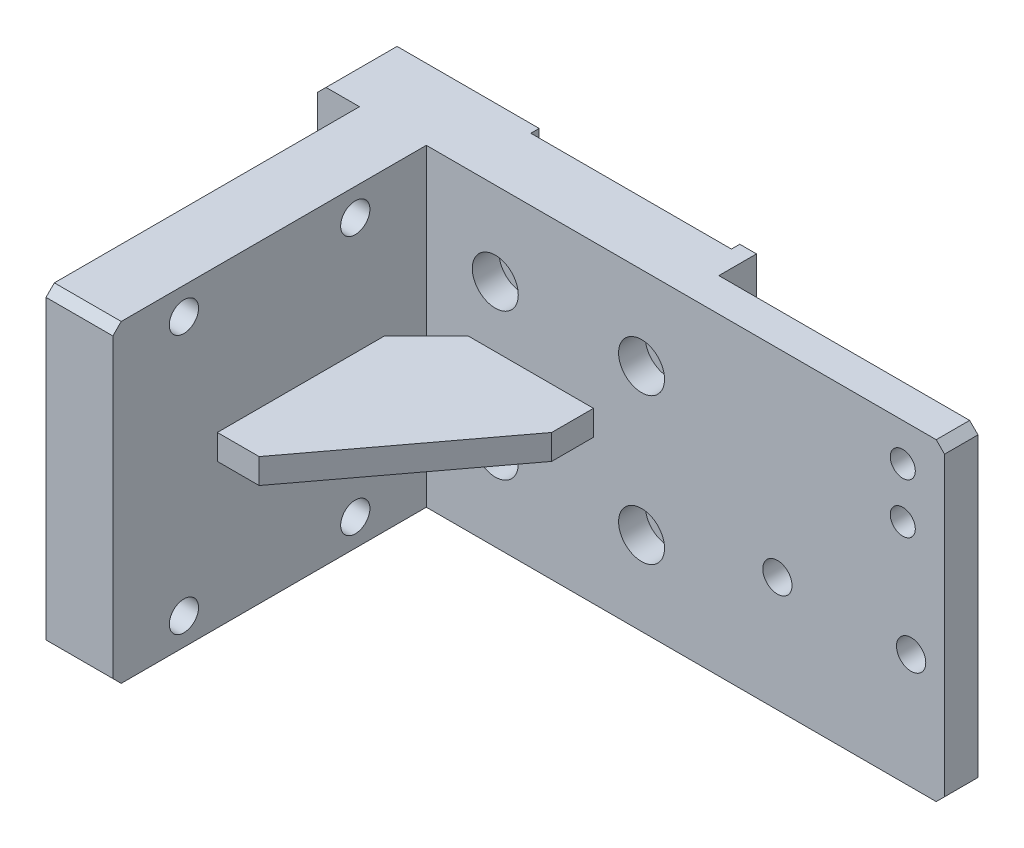
from build123d import *

# Parameters (mm, degrees)
SKETCH_1_W                   = 150
SKETCH_1_H                   = 75
EXTRUDE_1_DEPTH              = 17
HOLE_WIZARD_M6_1_D           = 6.6
HOLE_WIZARD_M6_1_CBORE_D     = 11
HOLE_WIZARD_M6_1_CBORE_DEPTH = 6.4
SKETCH_8_W                   = 16
SKETCH_8_H                   = 75
EXTRUDE_2_DEPTH              = 75
HOLE_WIZARD_7_0_7_1_D        = 7
SKETCH_11_W                  = 48
SKETCH_11_H                  = 2
CUT_EXTRUDE_1_DEPTH          = 141.406552554
EXTRUDE_3_DEPTH              = 3
CHAMFER_1_SIZE               = 2
SKETCH_13_W                  = 62
SKETCH_13_H                  = 9
CUT_EXTRUDE_2_DEPTH          = 141.406552554
HOLE_WIZARD_7_0_7_2_D        = 7
HOLE_WIZARD_6_0_6_1_D        = 6


with BuildPart() as part:
    # 草图1 → 凸台-拉伸1 (new body)
    with BuildSketch(Plane.XY):
        Rectangle(SKETCH_1_W, SKETCH_1_H)
    extrude(amount=EXTRUDE_1_DEPTH)

    # M6 六角凹头螺钉的柱形沉头孔1 (through all)
    with Locations(Plane.XY.offset(17)):
        with Locations((2.5, 17.5), (-32.5, 17.5), (-32.5, -17.5), (2.5, -17.5)):
            CounterBoreHole(HOLE_WIZARD_M6_1_D / 2, HOLE_WIZARD_M6_1_CBORE_D / 2, HOLE_WIZARD_M6_1_CBORE_DEPTH)

    # 草图8 → 凸台-拉伸2 (add)
    with BuildSketch(Plane.XY.offset(17)):
        with Locations((-57, 0)):
            Rectangle(SKETCH_8_W, SKETCH_8_H)
    extrude(amount=EXTRUDE_2_DEPTH)

    # Ø7.0 (7) 直径孔1 (through all)
    with Locations(Plane(origin=(-49, 0, 0), x_dir=(0, 0, -1), z_dir=(1, 0, 0))):
        with Locations((-75, 31), (-75, -31), (-34, -31), (-34, 31)):
            Hole(HOLE_WIZARD_7_0_7_1_D / 2)

    # 草图11 → 切除-拉伸1 (cut, through all)
    with BuildSketch(Plane.XZ.offset(37.5)):
        with Locations((-15, 1)):
            Rectangle(SKETCH_11_W, SKETCH_11_H)
    extrude(amount=-CUT_EXTRUDE_1_DEPTH, mode=Mode.SUBTRACT)

    # 草图12 → 凸台-拉伸3 (add, symmetric)
    with BuildSketch(Plane(origin=(0, 0, 0), x_dir=(1, 0, 0), z_dir=(0, 1, 0))):
        Polygon((-49, -67), (-39, -67), (-9, -27), (-9, -17), (-39, -17), (-49, -27), align=None)
    extrude(amount=EXTRUDE_3_DEPTH, both=True)

    # 倒角1
    chamfer_1_edges = [part.edges().sort_by_distance(p)[0] for p in [
        (75, -37.5, 8.5),
        (75, 37.5, 8.5),
        (-57, -37.5, 92),
        (-57, 37.5, 92),
        (-75, 37.5, 8.5),
        (-75, -37.5, 8.5),
    ]]
    chamfer(chamfer_1_edges, length=CHAMFER_1_SIZE)

    # 草图13 → 切除-拉伸2 (cut, through all)
    with BuildSketch(Plane.XZ.offset(37.5)):
        with Locations((44, 4.5)):
            Rectangle(SKETCH_13_W, SKETCH_13_H)
    extrude(amount=-CUT_EXTRUDE_2_DEPTH, mode=Mode.SUBTRACT)

    # Ø7.0 (7) 直径孔2 (through all)
    with Locations(Plane.XY.offset(17)):
        with Locations((35, -10), (67, -10)):
            Hole(HOLE_WIZARD_7_0_7_2_D / 2)

    # Ø6.0 (6) 直径孔1 (through all)
    with Locations(Plane.XY.offset(17)):
        with Locations((65, 28.5), (65, 16.5)):
            Hole(HOLE_WIZARD_6_0_6_1_D / 2)


solid = part.part
○ ○ ○ ○ ○ ○ ○
→ TRY IT: Return every line from the entries above that includes the word "amount".

→ EXERCISE RESPONSE:
    extrude(amount=EXTRUDE_1_DEPTH)
    extrude(amount=EXTRUDE_2_DEPTH)
    extrude(amount=-CUT_EXTRUDE_1_DEPTH, mode=Mode.SUBTRACT)
    extrude(amount=EXTRUDE_3_DEPTH, both=True)
    extrude(amount=-CUT_EXTRUDE_2_DEPTH, mode=Mode.SUBTRACT)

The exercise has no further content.